**TASK DESCRIPTION:**
Only the number is needed: how many lines of the entries below contain the word "ezdxf".

++++++++

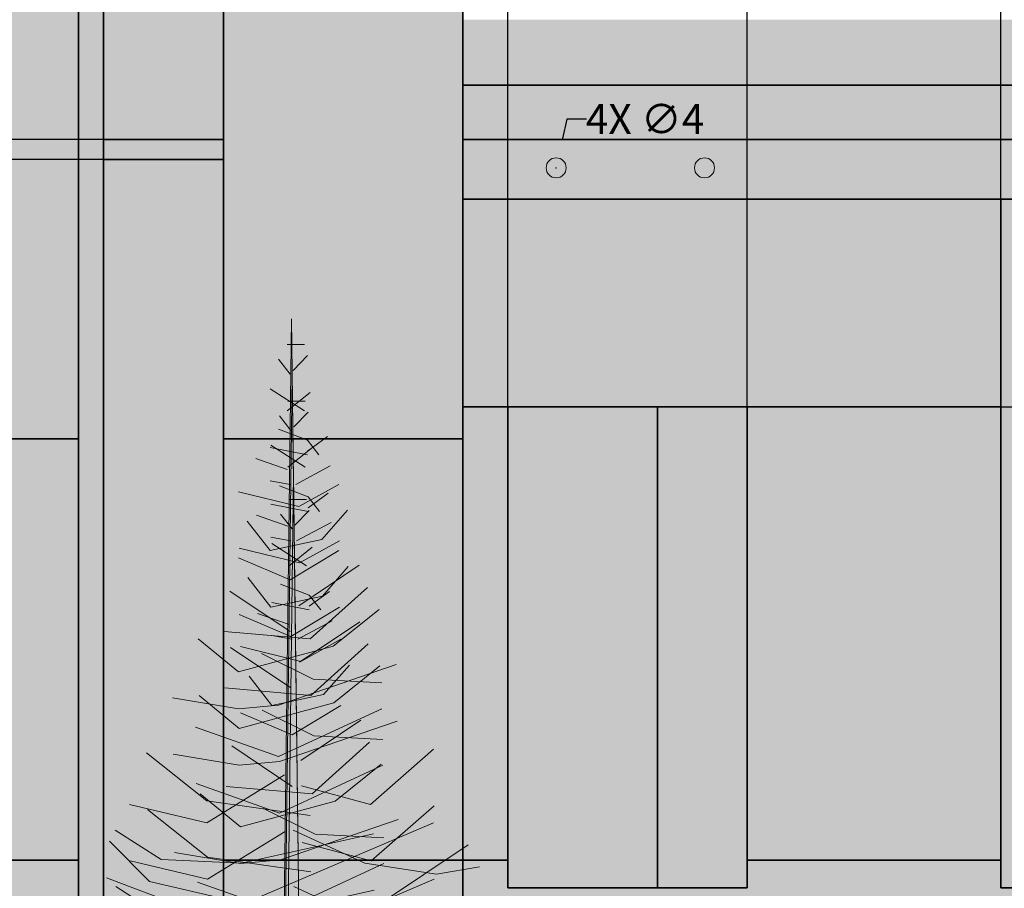
# Model space of a CAD drawing. Units: inches. Extents: x 221 to 874, y 171 to 738.
# Tile 6 of 11: x 452 to 650, y 281 to 455. Entities that reach past the tile are written whole.
import ezdxf

# ---------------------------------------------------------------- set-up
doc = ezdxf.new("R2010")
doc.units = ezdxf.units.IN
doc.header["$MEASUREMENT"] = 0
for name, color, linetype, lineweight in [('A-ANNO-DIMS', 2, 'Continuous', 18), ('A-ELEV', 7, 'Continuous', 35), ('A-ELEV-PATT', 8, 'Continuous', 13), ('E-LITE', 2, 'Continuous', 18), ('L-PLNT', 3, 'Continuous', 13)]:
    doc.layers.add(name, color=color, linetype=linetype, lineweight=lineweight)
doc.styles.get("Standard").update_dxf_attribs({"font": 'arial.ttf'})
doc.dimstyles.get("Standard").update_dxf_attribs({"dimtxt": 6, "dimasz": 4, "dimexe": 0.18, "dimexo": 0.0625, "dimgap": 0.09, "dimtad": 0, "dimtih": 1, "dimtoh": 1, "dimdec": 0, "dimzin": 0, "dimdsep": 46, "dimlunit": 3, "dimtxsty": 'Standard', "dimcen": 0.09, "dimadec": 0, "dimazin": 0, "dimtfac": 1, "dimtdec": 0, "dimtofl": 0, "dimtmove": 0, "dimatfit": 3, "dimfxl": 1, "dimtolj": 1, "dimtzin": 0, "dimarcsym": 0})

# ---------------------------------------------------------------- blocks, each defined once
blk = doc.blocks.new('*D21')
at = {"layer": 'A-ANNO-DIMS', "color": 0, "lineweight": -2, "transparency": 16777216}
for p, q in [((541.14, 706.72), (833.01, 706.72)), ((832.83, 702.72), (832.83, 457.87)), ((832.83, 206.72), (832.83, 451.56)), ((805.14, 202.72), (833.01, 202.72))]:
    blk.add_line(p, q, dxfattribs=at)
at = {"layer": 'A-ANNO-DIMS', "color": 0, "transparency": 16777216}
for points in [[(832.16, 702.72), (833.5, 702.72), (832.83, 706.72)], [(832.16, 206.72), (833.5, 206.72), (832.83, 202.72)]]:
    blk.add_solid(points, dxfattribs=at)
at = {"layer": 'Defpoints', "color": 0, "transparency": 16777216}
for p in [(541.08, 706.72), (832.83, 706.72), (805.08, 202.72)]:
    blk.add_point(p, dxfattribs=at)
at = {"layer": 'A-ANNO-DIMS', "color": 0, "transparency": 16777216, "insert": (832.83, 454.72), "char_height": 6, "attachment_point": 5}
blk.add_mtext('\\A1;504', dxfattribs=at)
blk = doc.blocks.new('*D33')
at = {"layer": 'A-ANNO-DIMS', "color": 0, "lineweight": -2, "transparency": 16777216}
for p, q in [((469.02, 426.72), (231.36, 426.72)), ((231.54, 422.72), (231.54, 401.87)), ((231.54, 374.72), (231.54, 395.56)), ((313.02, 370.72), (231.36, 370.72))]:
    blk.add_line(p, q, dxfattribs=at)
at = {"layer": 'A-ANNO-DIMS', "color": 0, "transparency": 16777216}
for points in [[(230.88, 422.72), (232.21, 422.72), (231.54, 426.72)], [(230.88, 374.72), (232.21, 374.72), (231.54, 370.72)]]:
    blk.add_solid(points, dxfattribs=at)
at = {"layer": 'Defpoints', "color": 0, "transparency": 16777216}
for p in [(231.54, 426.72), (469.08, 426.72), (313.08, 370.72)]:
    blk.add_point(p, dxfattribs=at)
at = {"layer": 'A-ANNO-DIMS', "color": 0, "transparency": 16777216, "insert": (231.54, 398.72), "char_height": 6, "attachment_point": 5}
blk.add_mtext('\\A1;56', dxfattribs=at)
blk = doc.blocks.new('*D34')
at = {"layer": 'A-ANNO-DIMS', "color": 0, "lineweight": -2, "transparency": 16777216}
for p, q in [((231.54, 434.72), (231.54, 438.72)), ((231.54, 438.72), (235.54, 438.72)), ((469.02, 430.72), (231.36, 430.72)), ((469.02, 426.72), (231.36, 426.72)), ((231.54, 422.72), (231.54, 418.72))]:
    blk.add_line(p, q, dxfattribs=at)
at = {"layer": 'A-ANNO-DIMS', "color": 0, "transparency": 16777216}
for points in [[(230.88, 434.72), (232.21, 434.72), (231.54, 430.72)], [(230.88, 422.72), (232.21, 422.72), (231.54, 426.72)]]:
    blk.add_solid(points, dxfattribs=at)
at = {"layer": 'Defpoints', "color": 0, "transparency": 16777216}
for p in [(231.54, 430.72), (469.08, 430.72), (469.08, 426.72)]:
    blk.add_point(p, dxfattribs=at)
at = {"layer": 'A-ANNO-DIMS', "color": 0, "transparency": 16777216, "insert": (237.71, 438.72), "char_height": 6, "attachment_point": 5}
blk.add_mtext('\\A1;4', dxfattribs=at)
blk = doc.blocks.new('*D35')
at = {"layer": 'A-ANNO-DIMS', "color": 0, "lineweight": -2, "transparency": 16777216}
for p, q in [((313.02, 454.72), (231.36, 454.72)), ((231.54, 450.72), (231.54, 445.82)), ((231.54, 434.72), (231.54, 439.61)), ((469.02, 430.72), (231.36, 430.72))]:
    blk.add_line(p, q, dxfattribs=at)
at = {"layer": 'A-ANNO-DIMS', "color": 0, "transparency": 16777216}
for points in [[(230.88, 450.72), (232.21, 450.72), (231.54, 454.72)], [(230.88, 434.72), (232.21, 434.72), (231.54, 430.72)]]:
    blk.add_solid(points, dxfattribs=at)
at = {"layer": 'Defpoints', "color": 0, "transparency": 16777216}
for p in [(231.54, 454.72), (313.08, 454.72), (469.08, 430.72)]:
    blk.add_point(p, dxfattribs=at)
at = {"layer": 'A-ANNO-DIMS', "color": 0, "transparency": 16777216, "insert": (231.54, 442.72), "char_height": 6, "attachment_point": 5}
blk.add_mtext('\\A1;24', dxfattribs=at)
blk = doc.blocks.new('*D57')
at = {"layer": 'A-ANNO-DIMS', "color": 0, "lineweight": -2, "transparency": 16777216}
for p, q in [((541.08, 377.16), (541.08, 734.65)), ((545.08, 734.47), (546.08, 734.47)), ((550.08, 377.16), (550.08, 734.65)), ((550.08, 734.47), (554.08, 734.47))]:
    blk.add_line(p, q, dxfattribs=at)
at = {"layer": 'A-ANNO-DIMS', "color": 0, "transparency": 16777216}
for points in [[(545.08, 735.13), (545.08, 733.8), (541.08, 734.47)], [(546.08, 735.13), (546.08, 733.8), (550.08, 734.47)]]:
    blk.add_solid(points, dxfattribs=at)
at = {"layer": 'Defpoints', "color": 0, "transparency": 16777216}
for p in [(550.08, 734.47), (541.08, 377.1), (550.08, 377.1)]:
    blk.add_point(p, dxfattribs=at)
at = {"layer": 'A-ANNO-DIMS', "color": 0, "transparency": 16777216, "insert": (556.14, 734.47), "char_height": 6, "attachment_point": 5}
blk.add_mtext('\\A1;9', dxfattribs=at)
blk = doc.blocks.new('*D58')
at = {"layer": 'A-ANNO-DIMS', "color": 0, "lineweight": -2, "transparency": 16777216}
for p, q in [((550.08, 377.16), (550.08, 734.65)), ((554.08, 734.47), (569.56, 734.47)), ((594.08, 734.47), (578.59, 734.47)), ((598.08, 377.16), (598.08, 734.65))]:
    blk.add_line(p, q, dxfattribs=at)
at = {"layer": 'A-ANNO-DIMS', "color": 0, "transparency": 16777216}
for points in [[(554.08, 735.13), (554.08, 733.8), (550.08, 734.47)], [(594.08, 735.13), (594.08, 733.8), (598.08, 734.47)]]:
    blk.add_solid(points, dxfattribs=at)
at = {"layer": 'Defpoints', "color": 0, "transparency": 16777216}
for p in [(598.08, 734.47), (550.08, 377.1), (598.08, 377.1)]:
    blk.add_point(p, dxfattribs=at)
at = {"layer": 'A-ANNO-DIMS', "color": 0, "transparency": 16777216, "insert": (574.08, 734.47), "char_height": 6, "attachment_point": 5}
blk.add_mtext('\\A1;48', dxfattribs=at)
blk = doc.blocks.new('*D59')
at = {"layer": 'A-ANNO-DIMS', "color": 0, "lineweight": -2, "transparency": 16777216}
for p, q in [((598.08, 377.16), (598.08, 734.65)), ((602.08, 734.47), (613.28, 734.47)), ((644.91, 734.47), (633.71, 734.47)), ((648.91, 377.16), (648.91, 734.65))]:
    blk.add_line(p, q, dxfattribs=at)
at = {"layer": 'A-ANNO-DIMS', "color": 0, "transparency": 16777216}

++++++++

**RESULT OF THIS TASK:**
3